* Records from a dataset:
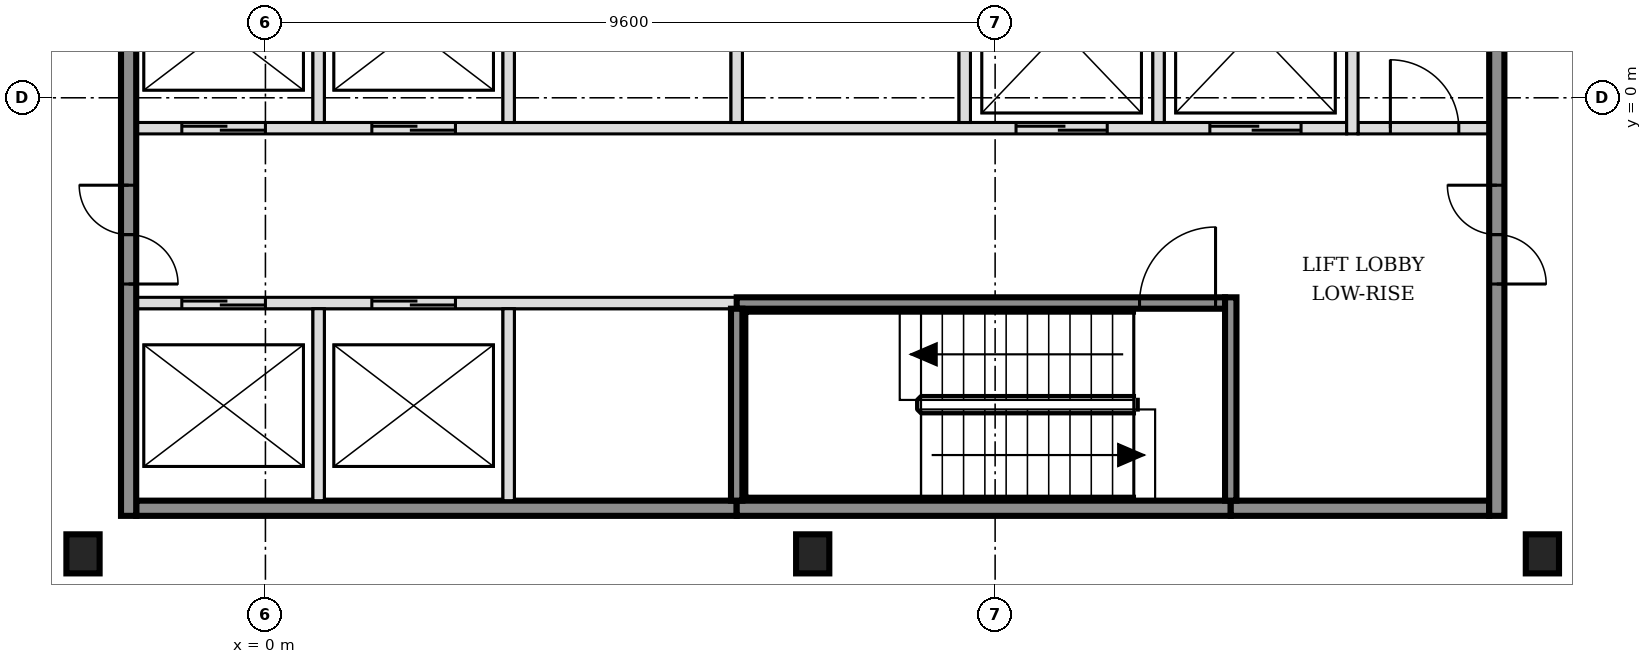
"""IFC4 building model, lengths in metres.
Left out: names, types, materials, properties, quantities, classifications, styles, units other than length and angle.
Written with IfcOpenShell. Run it as: python <this file> out.ifc"""

import sys

from ifc_helpers import new_model, si_unit, direction, frame, frame_2d, origin, origin_2d, place, context, subcontext, project, spatial, rectangle, i_section, extrude, element, fill, save


model = new_model("IFC4")
c1 = context("Model", 3, precision=1e-05, world=origin(), true_north=direction((0.0, 1.0)))
c2 = subcontext(c1, "Body", "Model", "MODEL_VIEW")
j1 = project(units=[si_unit("LENGTHUNIT", "METRE"), si_unit("PLANEANGLEUNIT", "RADIAN")], contexts=[c1])
p1 = place(None, origin())
s1 = spatial("IfcSite", under=j1, at=p1, CompositionType="ELEMENT")
p2 = place(p1, origin())
s2 = spatial("IfcBuilding", under=s1, at=p2, CompositionType="ELEMENT")
p3 = place(p2, frame((0.0, 0.0, 76.2)))
s3 = spatial("IfcBuildingStorey", under=s2, at=p3, CompositionType="ELEMENT", Elevation=76.2)
for number, where, z_axis, x_axis in (
    (1, (-2.4, -6.0, -0.15), (0.0, 0.0, 1.0), (1.0, 0.0, 0.0)),
    (2, (7.2, -6.0, -0.15), (0.0, 0.0, 1.0), (1.0, 0.0, 0.0)),
    (3, (16.8, -6.0, -0.15), (0.0, 0.0, 1.0), (1.0, 0.0, 0.0)),
):
    element("IfcColumn", number, at=place(p3, frame(where, z_axis=z_axis, x_axis=x_axis)), inside=s3, PredefinedType="COLUMN", context=c2, shape_type="SweptSolid", body=[
        extrude(i_section(OverallWidth=0.437, OverallDepth=0.514, WebThickness=0.061, FlangeThickness=0.097, FilletRadius=0.015, at=origin_2d()), origin(), (0.0, 0.0, 1.0), 3.6),
    ])
p4 = place(p3, frame((-1.7, -5.4, 0.0), z_axis=(0.0, 0.0, 1.0), x_axis=(1.0, 0.0, 0.0)))
e4 = element("IfcWall", 4, at=p4, inside=s3, PredefinedType="SOLIDWALL", context=c2, shape_type="SweptSolid", body=[
    extrude(rectangle(XDim=7.9, YDim=0.2, at=frame_2d((3.95, 0.0))), origin(), (0.0, 0.0, 1.0), 3.45),
])
p5 = place(p3, frame((6.2, -5.4, 0.0), z_axis=(0.0, 0.0, 1.0), x_axis=(1.0, 0.0, 0.0)))
e5 = element("IfcWall", 5, at=p5, inside=s3, PredefinedType="SOLIDWALL", context=c2, shape_type="SweptSolid", body=[
    extrude(rectangle(XDim=6.5, YDim=0.2, at=frame_2d((3.25, 0.0))), origin(), (0.0, 0.0, 1.0), 3.45),
])
p6 = place(p3, frame((12.7, -5.4, 0.0), z_axis=(0.0, 0.0, 1.0), x_axis=(1.0, 0.0, 0.0)))
e6 = element("IfcWall", 6, at=p6, inside=s3, PredefinedType="SOLIDWALL", context=c2, shape_type="SweptSolid", body=[
    extrude(rectangle(XDim=3.4, YDim=0.2, at=frame_2d((1.7, 0.0))), origin(), (0.0, 0.0, 1.0), 3.45),
])
p7 = place(p3, frame((-1.7, -2.7, 0.0), z_axis=(0.0, 0.0, 1.0), x_axis=(1.0, 0.0, 0.0)))
e7 = element("IfcWall", 7, at=p7, inside=s3, PredefinedType="SOLIDWALL", context=c2, shape_type="SweptSolid", body=[
    extrude(rectangle(XDim=7.9, YDim=0.15, at=frame_2d((3.95, 0.0))), origin(), (0.0, 0.0, 1.0), 3.45),
])
p8 = place(p7, frame((0.6, 0.0, 0.0)))
e8 = element("IfcOpeningElement", 8, at=p8, cuts=e7, PredefinedType="OPENING", context=c2, shape_type="SweptSolid", body=[
    extrude(rectangle(XDim=1.1, YDim=2.1, at=frame_2d((0.55, 1.05))), frame((0.0, 0.085, 0.0), z_axis=(0.0, -1.0, 0.0), x_axis=(1.0, 0.0, 0.0)), (0.0, 0.0, 1.0), 0.17),
])
p9 = place(p7, frame((3.1, 0.0, 0.0)))
e9 = element("IfcOpeningElement", 9, at=p9, cuts=e7, PredefinedType="OPENING", context=c2, shape_type="SweptSolid", body=[
    extrude(rectangle(XDim=1.1, YDim=2.1, at=frame_2d((0.55, 1.05))), frame((0.0, 0.085, 0.0), z_axis=(0.0, -1.0, 0.0), x_axis=(1.0, 0.0, 0.0)), (0.0, 0.0, 1.0), 0.17),
])
p10 = place(p3, frame((6.2, -2.7, 0.0), z_axis=(0.0, 0.0, 1.0), x_axis=(1.0, 0.0, 0.0)))
e10 = element("IfcWall", 10, at=p10, inside=s3, PredefinedType="SOLIDWALL", context=c2, shape_type="SweptSolid", body=[
    extrude(rectangle(XDim=6.425, YDim=0.15, at=frame_2d((3.212, 0.0))), origin(), (0.0, 0.0, 1.0), 3.45),
])
p11 = place(p10, frame((5.3, 0.0, 0.0)))
e11 = element("IfcOpeningElement", 11, at=p11, cuts=e10, PredefinedType="OPENING", context=c2, shape_type="SweptSolid", body=[
    extrude(rectangle(XDim=1.0, YDim=2.1, at=frame_2d((0.5, 1.05))), frame((0.0, 0.085, 0.0), z_axis=(0.0, -1.0, 0.0), x_axis=(1.0, 0.0, 0.0)), (0.0, 0.0, 1.0), 0.17),
])
p12 = place(p3, frame((-1.7, -0.4, 0.0), z_axis=(0.0, 0.0, 1.0), x_axis=(1.0, 0.0, 0.0)))
e12 = element("IfcWall", 12, at=p12, inside=s3, PredefinedType="SOLIDWALL", context=c2, shape_type="SweptSolid", body=[
    extrude(rectangle(XDim=15.925, YDim=0.15, at=frame_2d((7.962, 0.0))), origin(), (0.0, 0.0, 1.0), 3.45),
])
p13 = place(p12, frame((0.6, 0.0, 0.0)))
e13 = element("IfcOpeningElement", 13, at=p13, cuts=e12, PredefinedType="OPENING", context=c2, shape_type="SweptSolid", body=[
    extrude(rectangle(XDim=1.1, YDim=2.1, at=frame_2d((0.55, 1.05))), frame((0.0, 0.085, 0.0), z_axis=(0.0, -1.0, 0.0), x_axis=(1.0, 0.0, 0.0)), (0.0, 0.0, 1.0), 0.17),
])
p14 = place(p12, frame((3.1, 0.0, 0.0)))
e14 = element("IfcOpeningElement", 14, at=p14, cuts=e12, PredefinedType="OPENING", context=c2, shape_type="SweptSolid", body=[
    extrude(rectangle(XDim=1.1, YDim=2.1, at=frame_2d((0.55, 1.05))), frame((0.0, 0.085, 0.0), z_axis=(0.0, -1.0, 0.0), x_axis=(1.0, 0.0, 0.0)), (0.0, 0.0, 1.0), 0.17),
])
p15 = place(p12, frame((11.575, 0.0, 0.0)))
e15 = element("IfcOpeningElement", 15, at=p15, cuts=e12, PredefinedType="OPENING", context=c2, shape_type="SweptSolid", body=[
    extrude(rectangle(XDim=1.2, YDim=2.1, at=frame_2d((0.6, 1.05))), frame((0.0, 0.085, 0.0), z_axis=(0.0, -1.0, 0.0), x_axis=(1.0, 0.0, 0.0)), (0.0, 0.0, 1.0), 0.17),
])
p16 = place(p12, frame((14.125, 0.0, 0.0)))
e16 = element("IfcOpeningElement", 16, at=p16, cuts=e12, PredefinedType="OPENING", context=c2, shape_type="SweptSolid", body=[
    extrude(rectangle(XDim=1.2, YDim=2.1, at=frame_2d((0.6, 1.05))), frame((0.0, 0.085, 0.0), z_axis=(0.0, -1.0, 0.0), x_axis=(1.0, 0.0, 0.0)), (0.0, 0.0, 1.0), 0.17),
])
p17 = place(p3, frame((14.375, -0.4, 0.0), z_axis=(0.0, 0.0, 1.0), x_axis=(1.0, 0.0, 0.0)))
e17 = element("IfcWall", 17, at=p17, inside=s3, PredefinedType="PARTITIONING", context=c2, shape_type="SweptSolid", body=[
    extrude(rectangle(XDim=1.725, YDim=0.15, at=frame_2d((0.863, 0.0))), origin(), (0.0, 0.0, 1.0), 3.45),
])
p18 = place(p17, frame((0.425, 0.0, 0.0)))
e18 = element("IfcOpeningElement", 18, at=p18, cuts=e17, PredefinedType="OPENING", context=c2, shape_type="SweptSolid", body=[
    extrude(rectangle(XDim=0.9, YDim=2.1, at=frame_2d((0.45, 1.05))), frame((0.0, 0.085, 0.0), z_axis=(0.0, -1.0, 0.0), x_axis=(1.0, 0.0, 0.0)), (0.0, 0.0, 1.0), 0.17),
])
p19 = place(p3, frame((-1.8, -5.5, 0.0), z_axis=(0.0, 0.0, 1.0), x_axis=(0.0, 1.0, 0.0)))
e19 = element("IfcWall", 19, at=p19, inside=s3, PredefinedType="SOLIDWALL", context=c2, shape_type="SweptSolid", body=[
    extrude(rectangle(XDim=15.8, YDim=0.2, at=frame_2d((7.9, 0.0))), origin(), (0.0, 0.0, 1.0), 3.45),
])
p20 = place(p19, frame((3.05, 0.0, 0.0)))
e20 = element("IfcOpeningElement", 20, at=p20, cuts=e19, PredefinedType="OPENING", context=c2, shape_type="SweptSolid", body=[
    extrude(rectangle(XDim=1.3, YDim=2.1, at=frame_2d((0.65, 1.05))), frame((0.0, 0.11, 0.0), z_axis=(0.0, -1.0, 0.0), x_axis=(1.0, 0.0, 0.0)), (0.0, 0.0, 1.0), 0.22),
])
p21 = place(p19, frame((11.45, 0.0, 0.0)))
e21 = element("IfcOpeningElement", 21, at=p21, cuts=e19, PredefinedType="OPENING", context=c2, shape_type="SweptSolid", body=[
    extrude(rectangle(XDim=1.3, YDim=2.1, at=frame_2d((0.65, 1.05))), frame((0.0, 0.11, 0.0), z_axis=(0.0, -1.0, 0.0), x_axis=(1.0, 0.0, 0.0)), (0.0, 0.0, 1.0), 0.22),
])
p22 = place(p3, frame((0.7, -5.3, 0.0), z_axis=(0.0, 0.0, 1.0), x_axis=(0.0, 1.0, 0.0)))
e22 = element("IfcWall", 22, at=p22, inside=s3, PredefinedType="SOLIDWALL", context=c2, shape_type="SweptSolid", body=[
    extrude(rectangle(XDim=2.525, YDim=0.15, at=frame_2d((1.263, 0.0))), origin(), (0.0, 0.0, 1.0), 3.45),
])
p23 = place(p3, frame((0.7, -0.325, 0.0), z_axis=(0.0, 0.0, 1.0), x_axis=(0.0, 1.0, 0.0)))
e23 = element("IfcWall", 23, at=p23, inside=s3, PredefinedType="SOLIDWALL", context=c2, shape_type="SweptSolid", body=[
    extrude(rectangle(XDim=2.45, YDim=0.15, at=frame_2d((1.225, 0.0))), origin(), (0.0, 0.0, 1.0), 3.45),
])
p24 = place(p3, frame((3.2, -5.3, 0.0), z_axis=(0.0, 0.0, 1.0), x_axis=(0.0, 1.0, 0.0)))
e24 = element("IfcWall", 24, at=p24, inside=s3, PredefinedType="SOLIDWALL", context=c2, shape_type="SweptSolid", body=[
    extrude(rectangle(XDim=2.525, YDim=0.15, at=frame_2d((1.263, 0.0))), origin(), (0.0, 0.0, 1.0), 3.45),
])
p25 = place(p3, frame((3.2, -0.325, 0.0), z_axis=(0.0, 0.0, 1.0), x_axis=(0.0, 1.0, 0.0)))
e25 = element("IfcWall", 25, at=p25, inside=s3, PredefinedType="SOLIDWALL", context=c2, shape_type="SweptSolid", body=[
    extrude(rectangle(XDim=2.45, YDim=0.15, at=frame_2d((1.225, 0.0))), origin(), (0.0, 0.0, 1.0), 3.45),
])
p26 = place(p3, frame((6.2, -5.3, 0.0), z_axis=(0.0, 0.0, 1.0), x_axis=(0.0, 1.0, 0.0)))
e26 = element("IfcWall", 26, at=p26, inside=s3, PredefinedType="SOLIDWALL", context=c2, shape_type="SweptSolid", body=[
    extrude(rectangle(XDim=2.525, YDim=0.15, at=frame_2d((1.263, 0.0))), origin(), (0.0, 0.0, 1.0), 3.45),
])
for number, where, z_axis, x_axis in (
    (27, (6.2, -0.325, 0.0), (0.0, 0.0, 1.0), (0.0, 1.0, 0.0)),
    (28, (9.2, -0.325, 0.0), (0.0, 0.0, 1.0), (0.0, 1.0, 0.0)),
    (29, (11.75, -0.325, 0.0), (0.0, 0.0, 1.0), (0.0, 1.0, 0.0)),
):
    element("IfcWall", number, at=place(p3, frame(where, z_axis=z_axis, x_axis=x_axis)), inside=s3, PredefinedType="SOLIDWALL", context=c2, shape_type="SweptSolid", body=[
        extrude(rectangle(XDim=2.45, YDim=0.15, at=frame_2d((1.225, 0.0))), origin(), (0.0, 0.0, 1.0), 3.45),
    ])
p27 = place(p3, frame((12.7, -5.3, 0.0), z_axis=(0.0, 0.0, 1.0), x_axis=(0.0, 1.0, 0.0)))
e30 = element("IfcWall", 30, at=p27, inside=s3, PredefinedType="SOLIDWALL", context=c2, shape_type="SweptSolid", body=[
    extrude(rectangle(XDim=2.675, YDim=0.15, at=frame_2d((1.337, 0.0))), origin(), (0.0, 0.0, 1.0), 3.45),
])
p28 = place(p3, frame((14.3, -0.475, 0.0), z_axis=(0.0, 0.0, 1.0), x_axis=(0.0, 1.0, 0.0)))
e31 = element("IfcWall", 31, at=p28, inside=s3, PredefinedType="SOLIDWALL", context=c2, shape_type="SweptSolid", body=[
    extrude(rectangle(XDim=2.75, YDim=0.15, at=frame_2d((1.375, 0.0))), origin(), (0.0, 0.0, 1.0), 3.45),
])
p29 = place(p3, frame((16.2, -5.5, 0.0), z_axis=(0.0, 0.0, 1.0), x_axis=(0.0, 1.0, 0.0)))
e32 = element("IfcWall", 32, at=p29, inside=s3, PredefinedType="SOLIDWALL", context=c2, shape_type="SweptSolid", body=[
    extrude(rectangle(XDim=15.8, YDim=0.2, at=frame_2d((7.9, 0.0))), origin(), (0.0, 0.0, 1.0), 3.45),
])
p30 = place(p29, frame((3.05, 0.0, 0.0)))
e33 = element("IfcOpeningElement", 33, at=p30, cuts=e32, PredefinedType="OPENING", context=c2, shape_type="SweptSolid", body=[
    extrude(rectangle(XDim=1.3, YDim=2.1, at=frame_2d((0.65, 1.05))), frame((0.0, 0.11, 0.0), z_axis=(0.0, -1.0, 0.0), x_axis=(1.0, 0.0, 0.0)), (0.0, 0.0, 1.0), 0.22),
])
p31 = place(p29, frame((11.45, 0.0, 0.0)))
e34 = element("IfcOpeningElement", 34, at=p31, cuts=e32, PredefinedType="OPENING", context=c2, shape_type="SweptSolid", body=[
    extrude(rectangle(XDim=1.3, YDim=2.1, at=frame_2d((0.65, 1.05))), frame((0.0, 0.11, 0.0), z_axis=(0.0, -1.0, 0.0), x_axis=(1.0, 0.0, 0.0)), (0.0, 0.0, 1.0), 0.22),
])
p32 = place(p8, origin())
e35 = element("IfcDoor", 35, at=p32, inside=s3, OperationType="DOUBLE_DOOR_SLIDING", PredefinedType="DOOR", context=c2, shape_type="SweptSolid", body=[
    extrude(rectangle(XDim=1.1, YDim=2.1, at=frame_2d((0.55, 1.05))), frame((0.0, 0.025, 0.0), z_axis=(0.0, -1.0, 0.0), x_axis=(1.0, 0.0, 0.0)), (0.0, 0.0, 1.0), 0.05),
])
fill(e8, e35)
p33 = place(p9, origin())
e36 = element("IfcDoor", 36, at=p33, inside=s3, OperationType="DOUBLE_DOOR_SLIDING", PredefinedType="DOOR", context=c2, shape_type="SweptSolid", body=[
    extrude(rectangle(XDim=1.1, YDim=2.1, at=frame_2d((0.55, 1.05))), frame((0.0, 0.025, 0.0), z_axis=(0.0, -1.0, 0.0), x_axis=(1.0, 0.0, 0.0)), (0.0, 0.0, 1.0), 0.05),
])
fill(e9, e36)
p34 = place(p13, origin())
e37 = element("IfcDoor", 37, at=p34, inside=s3, OperationType="DOUBLE_DOOR_SLIDING", PredefinedType="DOOR", context=c2, shape_type="SweptSolid", body=[
    extrude(rectangle(XDim=1.1, YDim=2.1, at=frame_2d((0.55, 1.05))), frame((0.0, 0.025, 0.0), z_axis=(0.0, -1.0, 0.0), x_axis=(1.0, 0.0, 0.0)), (0.0, 0.0, 1.0), 0.05),
])
fill(e13, e37)
p35 = place(p14, origin())
e38 = element("IfcDoor", 38, at=p35, inside=s3, OperationType="DOUBLE_DOOR_SLIDING", PredefinedType="DOOR", context=c2, shape_type="SweptSolid", body=[
    extrude(rectangle(XDim=1.1, YDim=2.1, at=frame_2d((0.55, 1.05))), frame((0.0, 0.025, 0.0), z_axis=(0.0, -1.0, 0.0), x_axis=(1.0, 0.0, 0.0)), (0.0, 0.0, 1.0), 0.05),
])
fill(e14, e38)
p36 = place(p15, origin())
e39 = element("IfcDoor", 39, at=p36, inside=s3, OperationType="DOUBLE_DOOR_SLIDING", PredefinedType="DOOR", context=c2, shape_type="SweptSolid", body=[
    extrude(rectangle(XDim=1.2, YDim=2.1, at=frame_2d((0.6, 1.05))), frame((0.0, 0.025, 0.0), z_axis=(0.0, -1.0, 0.0), x_axis=(1.0, 0.0, 0.0)), (0.0, 0.0, 1.0), 0.05),
])
fill(e15, e39)
p37 = place(p16, origin())
e40 = element("IfcDoor", 40, at=p37, inside=s3, OperationType="DOUBLE_DOOR_SLIDING", PredefinedType="DOOR", context=c2, shape_type="SweptSolid", body=[
    extrude(rectangle(XDim=1.2, YDim=2.1, at=frame_2d((0.6, 1.05))), frame((0.0, 0.025, 0.0), z_axis=(0.0, -1.0, 0.0), x_axis=(1.0, 0.0, 0.0)), (0.0, 0.0, 1.0), 0.05),
])
fill(e16, e40)
p38 = place(p11, origin())
e41 = element("IfcDoor", 41, at=p38, inside=s3, OperationType="SINGLE_SWING_RIGHT", PredefinedType="DOOR", context=c2, shape_type="SweptSolid", body=[
    extrude(rectangle(XDim=1.0, YDim=2.1, at=frame_2d((0.5, 1.05))), frame((0.0, 0.025, 0.0), z_axis=(0.0, -1.0, 0.0), x_axis=(1.0, 0.0, 0.0)), (0.0, 0.0, 1.0), 0.05),
])
fill(e11, e41)
p39 = place(p20, origin())
e42 = element("IfcDoor", 42, at=p39, inside=s3, OperationType="DOUBLE_DOOR_SINGLE_SWING", PredefinedType="DOOR", context=c2, shape_type="SweptSolid", body=[
    extrude(rectangle(XDim=1.3, YDim=2.1, at=frame_2d((0.65, 1.05))), frame((0.0, 0.025, 0.0), z_axis=(0.0, -1.0, 0.0), x_axis=(1.0, 0.0, 0.0)), (0.0, 0.0, 1.0), 0.05),
])
fill(e20, e42)
p40 = place(p30, origin())
e43 = element("IfcDoor", 43, at=p40, inside=s3, OperationType="DOUBLE_DOOR_SINGLE_SWING", PredefinedType="DOOR", context=c2, shape_type="SweptSolid", body=[
    extrude(rectangle(XDim=1.3, YDim=2.1, at=frame_2d((0.65, 1.05))), frame((0.0, 0.025, 0.0), z_axis=(0.0, -1.0, 0.0), x_axis=(1.0, 0.0, 0.0)), (0.0, 0.0, 1.0), 0.05),
])
fill(e33, e43)
p41 = place(p18, origin())
e44 = element("IfcDoor", 44, at=p41, inside=s3, OperationType="SINGLE_SWING_LEFT", PredefinedType="DOOR", context=c2, shape_type="SweptSolid", body=[
    extrude(rectangle(XDim=0.9, YDim=2.1, at=frame_2d((0.45, 1.05))), frame((0.0, 0.025, 0.0), z_axis=(0.0, -1.0, 0.0), x_axis=(1.0, 0.0, 0.0)), (0.0, 0.0, 1.0), 0.05),
])
fill(e18, e44)
save(model, sys.argv[1])

* TASK REQUIREMENTS: After locating the line holding "from ifc_helpers import" above, output exactly that line and every line after it through the line holding "world=origin(), true_north=direction((0.0, 1.0)))". Include nothing else.

* ANSWER AREA:
from ifc_helpers import new_model, si_unit, direction, frame, frame_2d, origin, origin_2d, place, context, subcontext, project, spatial, rectangle, i_section, extrude, element, fill, save


model = new_model("IFC4")
c1 = context("Model", 3, precision=1e-05, world=origin(), true_north=direction((0.0, 1.0)))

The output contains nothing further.